§ Task details
Reproduce each line of the entries that carries "units".

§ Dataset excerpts
=== Section Start ===
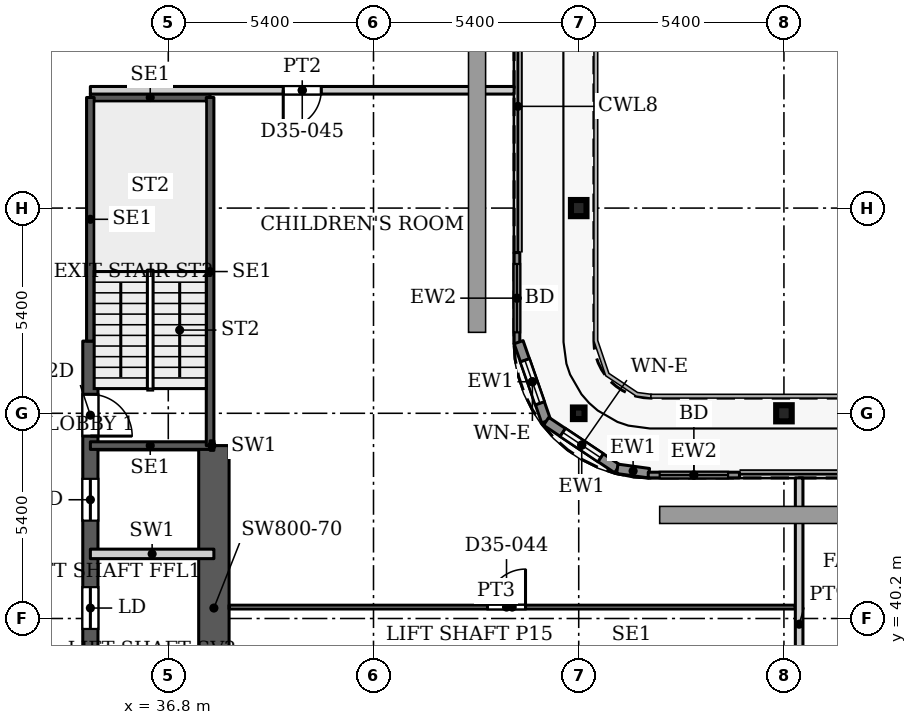
"""IFC4 building model, lengths in metres.
Left out: names, types, materials, properties, quantities, classifications, styles, units other than length and angle.
Written with IfcOpenShell. Run it as: python <this file> out.ifc"""

import sys

from ifc_helpers import new_model, si_unit, direction, frame, frame_2d, origin, origin_2d, place, context, subcontext, project, spatial, rectangle, hollow_rectangle, i_section, extrude, source, transform, mapped, element, fill, save


model = new_model("IFC4")
c1 = context("Model", 3, precision=1e-05, world=origin(), true_north=direction((0.0, 1.0)))
c2 = subcontext(c1, "Body", "Model", "MODEL_VIEW")
j1 = project(units=[si_unit("LENGTHUNIT", "METRE"), si_unit("PLANEANGLEUNIT", "RADIAN")], contexts=[c1])
p1 = place(None, origin())
s1 = spatial("IfcSite", under=j1, at=p1, CompositionType="ELEMENT")
p2 = place(p1, origin())
s2 = spatial("IfcBuilding", under=s1, at=p2, CompositionType="ELEMENT")
p3 = place(p2, frame((0.0, 0.0, 152.6)))
s3 = spatial("IfcBuildingStorey", under=s2, at=p3, CompositionType="ELEMENT", Elevation=152.6)
for number, where, z_axis, x_axis in (
    (1, (53.0, 45.6, 0.0), (0.0, 0.0, 1.0), (1.0, 0.0, 0.0)),
    (2, (47.6, 51.0, 0.0), (0.0, 0.0, 1.0), (1.0, 0.0, 0.0)),
):
    element("IfcColumn", number, at=place(p3, frame(where, z_axis=z_axis, x_axis=x_axis)), inside=s3, PredefinedType="COLUMN", context=c2, shape_type="SweptSolid", body=[
        extrude(i_section(OverallWidth=0.409, OverallDepth=0.425, WebThickness=0.033, FlangeThickness=0.052, FilletRadius=0.013, at=origin_2d()), origin(), (0.0, 0.0, 1.0), 3.9),
    ])
p4 = place(p3, frame((47.6, 45.6, 0.0), z_axis=(0.0, 0.0, 1.0), x_axis=(1.0, 0.0, 0.0)))
e3 = element("IfcColumn", 3, at=p4, inside=s3, PredefinedType="COLUMN", context=c2, shape_type="SweptSolid", body=[
    extrude(hollow_rectangle(XDim=0.305, YDim=0.305, WallThickness=0.016, InnerFilletRadius=0.016, OuterFilletRadius=0.032, at=origin_2d()), origin(), (0.0, 0.0, 1.0), 3.9),
])
p5 = place(p3, frame((34.75, 29.05, 0.0), z_axis=(0.0, 0.0, 1.0), x_axis=(0.0, 1.0, 0.0)))
e4 = element("IfcWall", 4, at=p5, inside=s3, PredefinedType="SHEAR", context=c2, shape_type="SweptSolid", body=[
    extrude(rectangle(XDim=18.45, YDim=0.4, at=frame_2d((9.225, 0.0))), origin(), (0.0, 0.0, 1.0), 3.9),
])
p6 = place(p5, frame((8.025, 0.0, 0.0)))
e5 = element("IfcOpeningElement", 5, at=p6, cuts=e4, PredefinedType="OPENING", context=c2, shape_type="SweptSolid", body=[
    extrude(rectangle(XDim=1.1, YDim=2.2, at=frame_2d((0.55, 1.1))), frame((0.0, 0.21, 0.0), z_axis=(0.0, -1.0, 0.0), x_axis=(1.0, 0.0, 0.0)), (0.0, 0.0, 1.0), 0.42),
])
p7 = place(p5, frame((10.875, 0.0, 0.0)))
e6 = element("IfcOpeningElement", 6, at=p7, cuts=e4, PredefinedType="OPENING", context=c2, shape_type="SweptSolid", body=[
    extrude(rectangle(XDim=1.1, YDim=2.2, at=frame_2d((0.55, 1.1))), frame((0.0, 0.21, 0.0), z_axis=(0.0, -1.0, 0.0), x_axis=(1.0, 0.0, 0.0)), (0.0, 0.0, 1.0), 0.42),
])
p8 = place(p5, frame((13.725, 0.0, 0.0)))
e7 = element("IfcOpeningElement", 7, at=p8, cuts=e4, PredefinedType="OPENING", context=c2, shape_type="SweptSolid", body=[
    extrude(rectangle(XDim=1.1, YDim=2.2, at=frame_2d((0.55, 1.1))), frame((0.0, 0.21, 0.0), z_axis=(0.0, -1.0, 0.0), x_axis=(1.0, 0.0, 0.0)), (0.0, 0.0, 1.0), 0.42),
])
p9 = place(p5, frame((15.95, 0.0, 0.0)))
e8 = element("IfcOpeningElement", 8, at=p9, cuts=e4, PredefinedType="OPENING", context=c2, shape_type="SweptSolid", body=[
    extrude(rectangle(XDim=1.1, YDim=2.2, at=frame_2d((0.55, 1.1))), frame((0.0, 0.21, 0.0), z_axis=(0.0, -1.0, 0.0), x_axis=(1.0, 0.0, 0.0)), (0.0, 0.0, 1.0), 0.42),
])
p10 = place(p3, frame((38.0, 36.2, 0.0), z_axis=(0.0, 0.0, 1.0), x_axis=(0.0, 1.0, 0.0)))
e9 = element("IfcWall", 9, at=p10, inside=s3, PredefinedType="SHEAR", context=c2, shape_type="SweptSolid", body=[
    extrude(rectangle(XDim=8.55, YDim=0.8, at=frame_2d((4.275, 0.0))), origin(), (0.0, 0.0, 1.0), 3.9),
])
p11 = place(p3, frame((45.975, 49.83, 0.0), z_axis=(0.0, 0.0, 1.0), x_axis=(0.0, -1.0, 0.0)))
e10 = element("IfcWall", 10, at=p11, inside=s3, PredefinedType="SOLIDWALL", context=c2, shape_type="SweptSolid", body=[
    extrude(rectangle(XDim=2.4, YDim=0.15, at=frame_2d((1.2, 0.0))), origin(), (0.0, 0.0, 1.0), 3.75),
])
p12 = place(p11, frame((0.3, 0.0, 0.0)))
e11 = element("IfcOpeningElement", 11, at=p12, cuts=e10, PredefinedType="OPENING", context=c2, shape_type="SweptSolid", body=[
    extrude(rectangle(XDim=1.8, YDim=2.4, at=frame_2d((0.9, 1.2))), frame((0.0, 0.085, 0.0), z_axis=(0.0, -1.0, 0.0), x_axis=(1.0, 0.0, 0.0)), (0.0, 0.0, 1.0), 0.17),
])
p13 = place(p3, frame((46.018, 47.471, 0.0), z_axis=(0.0, 0.0, 1.0), x_axis=(0.328791208903, -0.944402637093, 0.0)))
e12 = element("IfcWall", 12, at=p13, inside=s3, PredefinedType="SOLIDWALL", context=c2, shape_type="SweptSolid", body=[
    extrude(rectangle(XDim=2.205, YDim=0.25, at=frame_2d((1.102, 0.0))), origin(), (0.0, 0.0, 1.0), 3.75),
])
p14 = place(p13, frame((0.503, 0.0, 0.6)))
e13 = element("IfcOpeningElement", 13, at=p14, cuts=e12, PredefinedType="OPENING", context=c2, shape_type="SweptSolid", body=[
    extrude(rectangle(XDim=1.2, YDim=2.1, at=frame_2d((0.6, 1.05))), frame((0.0, 0.135, 0.0), z_axis=(0.0, -1.0, 0.0), x_axis=(1.0, 0.0, 0.0)), (0.0, 0.0, 1.0), 0.27),
])
p15 = place(p3, frame((46.743, 45.389, 0.0), z_axis=(0.0, 0.0, 1.0), x_axis=(0.831449265529, -0.555600682912, 0.0)))
e14 = element("IfcWall", 14, at=p15, inside=s3, PredefinedType="SOLIDWALL", context=c2, shape_type="SweptSolid", body=[
    extrude(rectangle(XDim=2.251, YDim=0.25, at=frame_2d((1.126, 0.0))), origin(), (0.0, 0.0, 1.0), 3.75),
])
p16 = place(p15, frame((0.525, 0.0, 0.6)))
e15 = element("IfcOpeningElement", 15, at=p16, cuts=e14, PredefinedType="OPENING", context=c2, shape_type="SweptSolid", body=[
    extrude(rectangle(XDim=1.2, YDim=2.1, at=frame_2d((0.6, 1.05))), frame((0.0, 0.135, 0.0), z_axis=(0.0, -1.0, 0.0), x_axis=(1.0, 0.0, 0.0)), (0.0, 0.0, 1.0), 0.27),
])
p17 = place(p3, frame((48.615, 44.138, 0.0), z_axis=(0.0, 0.0, 1.0), x_axis=(0.990741504246, -0.135761819977, 0.0)))
e16 = element("IfcWall", 16, at=p17, inside=s3, PredefinedType="SOLIDWALL", context=c2, shape_type="SweptSolid", body=[
    extrude(rectangle(XDim=0.84, YDim=0.25, at=frame_2d((0.42, 0.0))), origin(), (0.0, 0.0, 1.0), 3.75),
])
p18 = place(p3, frame((49.43, 43.975, 0.0), z_axis=(0.0, 0.0, 1.0), x_axis=(1.0, 0.0, 0.0)))
e17 = element("IfcWall", 17, at=p18, inside=s3, PredefinedType="SOLIDWALL", context=c2, shape_type="SweptSolid", body=[
    extrude(rectangle(XDim=2.4, YDim=0.15, at=frame_2d((1.2, 0.0))), origin(), (0.0, 0.0, 1.0), 3.75),
])
p19 = place(p18, frame((0.3, 0.0, 0.0)))
e18 = element("IfcOpeningElement", 18, at=p19, cuts=e17, PredefinedType="OPENING", context=c2, shape_type="SweptSolid", body=[
    extrude(rectangle(XDim=1.8, YDim=2.4, at=frame_2d((0.9, 1.2))), frame((0.0, 0.085, 0.0), z_axis=(0.0, -1.0, 0.0), x_axis=(1.0, 0.0, 0.0)), (0.0, 0.0, 1.0), 0.17),
])
for number, where, z_axis, x_axis in (
    (19, (34.75, 44.75, 0.0), (0.0, 0.0, 1.0), (1.0, 0.0, 0.0)),
    (20, (34.75, 53.91, 0.0), (0.0, 0.0, 1.0), (1.0, 0.0, 0.0)),
):
    element("IfcWall", number, at=place(p3, frame(where, z_axis=z_axis, x_axis=x_axis)), inside=s3, PredefinedType="SHEAR", context=c2, shape_type="SweptSolid", body=[
        extrude(rectangle(XDim=3.15, YDim=0.2, at=frame_2d((1.575, 0.0))), origin(), (0.0, 0.0, 1.0), 3.9),
    ])
p20 = place(p3, frame((34.75, 47.5, 0.0), z_axis=(0.0, 0.0, 1.0), x_axis=(0.0, 1.0, 0.0)))
e21 = element("IfcWall", 21, at=p20, inside=s3, PredefinedType="SHEAR", context=c2, shape_type="SweptSolid", body=[
    extrude(rectangle(XDim=6.41, YDim=0.2, at=frame_2d((3.205, 0.0))), origin(), (0.0, 0.0, 1.0), 3.9),
])
p21 = place(p3, frame((37.9, 44.75, 0.0), z_axis=(0.0, 0.0, 1.0), x_axis=(0.0, 1.0, 0.0)))
e22 = element("IfcWall", 22, at=p21, inside=s3, PredefinedType="SHEAR", context=c2, shape_type="SweptSolid", body=[
    extrude(rectangle(XDim=9.16, YDim=0.2, at=frame_2d((4.58, 0.0))), origin(), (0.0, 0.0, 1.0), 3.9),
])
p22 = place(p3, frame((34.75, 41.9, 0.0), z_axis=(0.0, 0.0, 1.0), x_axis=(1.0, 0.0, 0.0)))
e23 = element("IfcWall", 23, at=p22, inside=s3, PredefinedType="PARTITIONING", context=c2, shape_type="SweptSolid", body=[
    extrude(rectangle(XDim=3.25, YDim=0.25, at=frame_2d((1.625, 0.0))), origin(), (0.0, 0.0, 1.0), 3.9),
])
p23 = place(p3, frame((37.9, 44.75, 0.0), z_axis=(0.0, 0.0, 1.0), x_axis=(1.0, 0.0, 0.0)))
e24 = element("IfcWall", 24, at=p23, inside=s3, PredefinedType="PARTITIONING", context=c2, shape_type="SweptSolid", body=[
    extrude(rectangle(XDim=0.1, YDim=0.25, at=frame_2d((0.05, 0.0))), origin(), (0.0, 0.0, 1.0), 3.9),
])
p24 = place(p3, frame((34.75, 54.1, 0.0), z_axis=(0.0, 0.0, 1.0), x_axis=(1.0, 0.0, 0.0)))
e25 = element("IfcWall", 25, at=p24, inside=s3, PredefinedType="PARTITIONING", context=c2, shape_type="SweptSolid", body=[
    extrude(rectangle(XDim=11.15, YDim=0.2, at=frame_2d((5.575, 0.0))), origin(), (0.0, 0.0, 1.0), 3.6),
])
p25 = place(p24, frame((5.075, 0.0, 0.0)))
e26 = element("IfcOpeningElement", 26, at=p25, cuts=e25, PredefinedType="OPENING", context=c2, shape_type="SweptSolid", body=[
    extrude(rectangle(XDim=1.0, YDim=2.1, at=frame_2d((0.5, 1.05))), frame((0.0, 0.11, 0.0), z_axis=(0.0, -1.0, 0.0), x_axis=(1.0, 0.0, 0.0)), (0.0, 0.0, 1.0), 0.22),
])
p26 = place(p3, frame((38.399, 40.5, 0.0), z_axis=(0.0, 0.0, 1.0), x_axis=(1.0, 0.0, 0.0)))
e27 = element("IfcWall", 27, at=p26, inside=s3, PredefinedType="PARTITIONING", context=c2, shape_type="SweptSolid", body=[
    extrude(rectangle(XDim=14.901, YDim=0.1, at=frame_2d((7.451, 0.0))), origin(), (0.0, 0.0, 1.0), 3.6),
])
p27 = place(p26, frame((6.801, 0.0, 0.0)))
e28 = element("IfcOpeningElement", 28, at=p27, cuts=e27, PredefinedType="OPENING", context=c2, shape_type="SweptSolid", body=[
    extrude(rectangle(XDim=1.0, YDim=2.1, at=frame_2d((0.5, 1.05))), frame((0.0, 0.06, 0.0), z_axis=(0.0, -1.0, 0.0), x_axis=(1.0, 0.0, 0.0)), (0.0, 0.0, 1.0), 0.12),
])
p28 = place(p3, frame((53.4, 36.199, 0.0), z_axis=(0.0, 0.0, 1.0), x_axis=(0.0, 1.0, 0.0)))
e29 = element("IfcWall", 29, at=p28, inside=s3, PredefinedType="PARTITIONING", context=c2, shape_type="SweptSolid", body=[
    extrude(rectangle(XDim=7.701, YDim=0.2, at=frame_2d((3.851, 0.0))), origin(), (0.0, 0.0, 1.0), 3.6),
])
m1 = source(origin(), c2, "Body", "SweptSolid", [
    extrude(rectangle(XDim=1.8, YDim=2.4, at=frame_2d((0.9, 1.2))), frame((0.0, 0.025, 0.0), z_axis=(0.0, -1.0, 0.0), x_axis=(1.0, 0.0, 0.0)), (0.0, 0.0, 1.0), 0.05),
])
p29 = place(p12, origin())
e30 = element("IfcDoor", 30, at=p29, inside=s3, OperationType="SLIDING_TO_LEFT", PredefinedType="DOOR", context=c2, shape_type="MappedRepresentation", body=[
    mapped(m1, transform((0.0, 0.0, 0.0), x_axis=(1.0, 0.0, 0.0), y_axis=(0.0, 1.0, 0.0), z_axis=(0.0, 0.0, 1.0), scale=1.0)),
])
fill(e11, e30)
m2 = source(origin(), c2, "Body", "SweptSolid", [
    extrude(rectangle(XDim=1.2, YDim=2.1, at=frame_2d((0.6, 1.05))), frame((0.0, 0.03, 0.0), z_axis=(0.0, -1.0, 0.0), x_axis=(1.0, 0.0, 0.0)), (0.0, 0.0, 1.0), 0.06),
])
p30 = place(p14, origin())
e31 = element("IfcWindow", 31, at=p30, inside=s3, PartitioningType="SINGLE_PANEL", PredefinedType="WINDOW", context=c2, shape_type="MappedRepresentation", body=[
    mapped(m2, transform((0.0, 0.0, 0.0), x_axis=(1.0, 0.0, 0.0), y_axis=(0.0, 1.0, 0.0), z_axis=(0.0, 0.0, 1.0), scale=1.0)),
])
fill(e13, e31)
p31 = place(p16, origin())
e32 = element("IfcWindow", 32, at=p31, inside=s3, PartitioningType="SINGLE_PANEL", PredefinedType="WINDOW", context=c2, shape_type="MappedRepresentation", body=[
    mapped(m2, transform((0.0, 0.0, 0.0), x_axis=(1.0, 0.0, 0.0), y_axis=(0.0, 1.0, 0.0), z_axis=(0.0, 0.0, 1.0), scale=1.0)),
])
fill(e15, e32)
p32 = place(p19, origin())
e33 = element("IfcDoor", 33, at=p32, inside=s3, OperationType="SLIDING_TO_LEFT", PredefinedType="DOOR", context=c2, shape_type="MappedRepresentation", body=[
    mapped(m1, transform((0.0, 0.0, 0.0), x_axis=(1.0, 0.0, 0.0), y_axis=(0.0, 1.0, 0.0), z_axis=(0.0, 0.0, 1.0), scale=1.0)),
])
fill(e18, e33)
m3 = source(origin(), c2, "Body", "SweptSolid", [
    extrude(rectangle(XDim=1.1, YDim=2.2, at=frame_2d((0.55, 1.1))), frame((0.0, 0.025, 0.0), z_axis=(0.0, -1.0, 0.0), x_axis=(1.0, 0.0, 0.0)), (0.0, 0.0, 1.0), 0.05),
])
p33 = place(p7, origin())
e34 = element("IfcDoor", 34, at=p33, inside=s3, OperationType="SLIDING_TO_LEFT", PredefinedType="DOOR", context=c2, shape_type="MappedRepresentation", body=[
    mapped(m3, transform((0.0, 0.0, 0.0), x_axis=(1.0, 0.0, 0.0), y_axis=(0.0, 1.0, 0.0), z_axis=(0.0, 0.0, 1.0), scale=1.0)),
])
fill(e6, e34)
p34 = place(p8, origin())
e35 = element("IfcDoor", 35, at=p34, inside=s3, OperationType="SLIDING_TO_LEFT", PredefinedType="DOOR", context=c2, shape_type="MappedRepresentation", body=[
    mapped(m3, transform((0.0, 0.0, 0.0), x_axis=(1.0, 0.0, 0.0), y_axis=(0.0, 1.0, 0.0), z_axis=(0.0, 0.0, 1.0), scale=1.0)),
])
fill(e7, e35)
m4 = source(origin(), c2, "Body", "SweptSolid", [
    extrude(rectangle(XDim=1.1, YDim=2.2, at=frame_2d((0.55, 1.1))), frame((0.0, 0.025, 0.0), z_axis=(0.0, -1.0, 0.0), x_axis=(1.0, 0.0, 0.0)), (0.0, 0.0, 1.0), 0.05),
])
p35 = place(p9, origin())
e36 = element("IfcDoor", 36, at=p35, inside=s3, OperationType="SINGLE_SWING_RIGHT", PredefinedType="DOOR", context=c2, shape_type="MappedRepresentation", body=[
    mapped(m4, transform((0.0, 0.0, 0.0), x_axis=(1.0, 0.0, 0.0), y_axis=(0.0, 1.0, 0.0), z_axis=(0.0, 0.0, 1.0), scale=1.0)),
])
fill(e8, e36)
m5 = source(origin(), c2, "Body", "SweptSolid", [
    extrude(rectangle(XDim=1.0, YDim=2.1, at=frame_2d((0.5, 1.05))), frame((0.0, 0.025, 0.0), z_axis=(0.0, -1.0, 0.0), x_axis=(1.0, 0.0, 0.0)), (0.0, 0.0, 1.0), 0.05),
])
p36 = place(p27, origin())
e37 = element("IfcDoor", 37, at=p36, inside=s3, OperationType="SINGLE_SWING_LEFT", PredefinedType="DOOR", context=c2, shape_type="MappedRepresentation", body=[
    mapped(m5, transform((0.0, 0.0, 0.0), x_axis=(1.0, 0.0, 0.0), y_axis=(0.0, 1.0, 0.0), z_axis=(0.0, 0.0, 1.0), scale=1.0)),
])
fill(e28, e37)
m6 = source(origin(), c2, "Body", "SweptSolid", [
    extrude(rectangle(XDim=1.0, YDim=2.1, at=frame_2d((0.5, 1.05))), frame((0.0, 0.025, 0.0), z_axis=(0.0, -1.0, 0.0), x_axis=(1.0, 0.0, 0.0)), (0.0, 0.0, 1.0), 0.05),
])
p37 = place(p25, origin())
e38 = element("IfcDoor", 38, at=p37, inside=s3, OperationType="SINGLE_SWING_RIGHT", PredefinedType="DOOR", context=c2, shape_type="MappedRepresentation", body=[
    mapped(m6, transform((0.0, 0.0, 0.0), x_axis=(1.0, 0.0, 0.0), y_axis=(0.0, 1.0, 0.0), z_axis=(0.0, 0.0, 1.0), scale=1.0)),
])
fill(e26, e38)
save(model, sys.argv[1])
=== Section End ===
§ Answer to the exercise
Left out: names, types, materials, properties, quantities, classifications, styles, units other than length and angle.
j1 = project(units=[si_unit("LENGTHUNIT", "METRE"), si_unit("PLANEANGLEUNIT", "RADIAN")], contexts=[c1])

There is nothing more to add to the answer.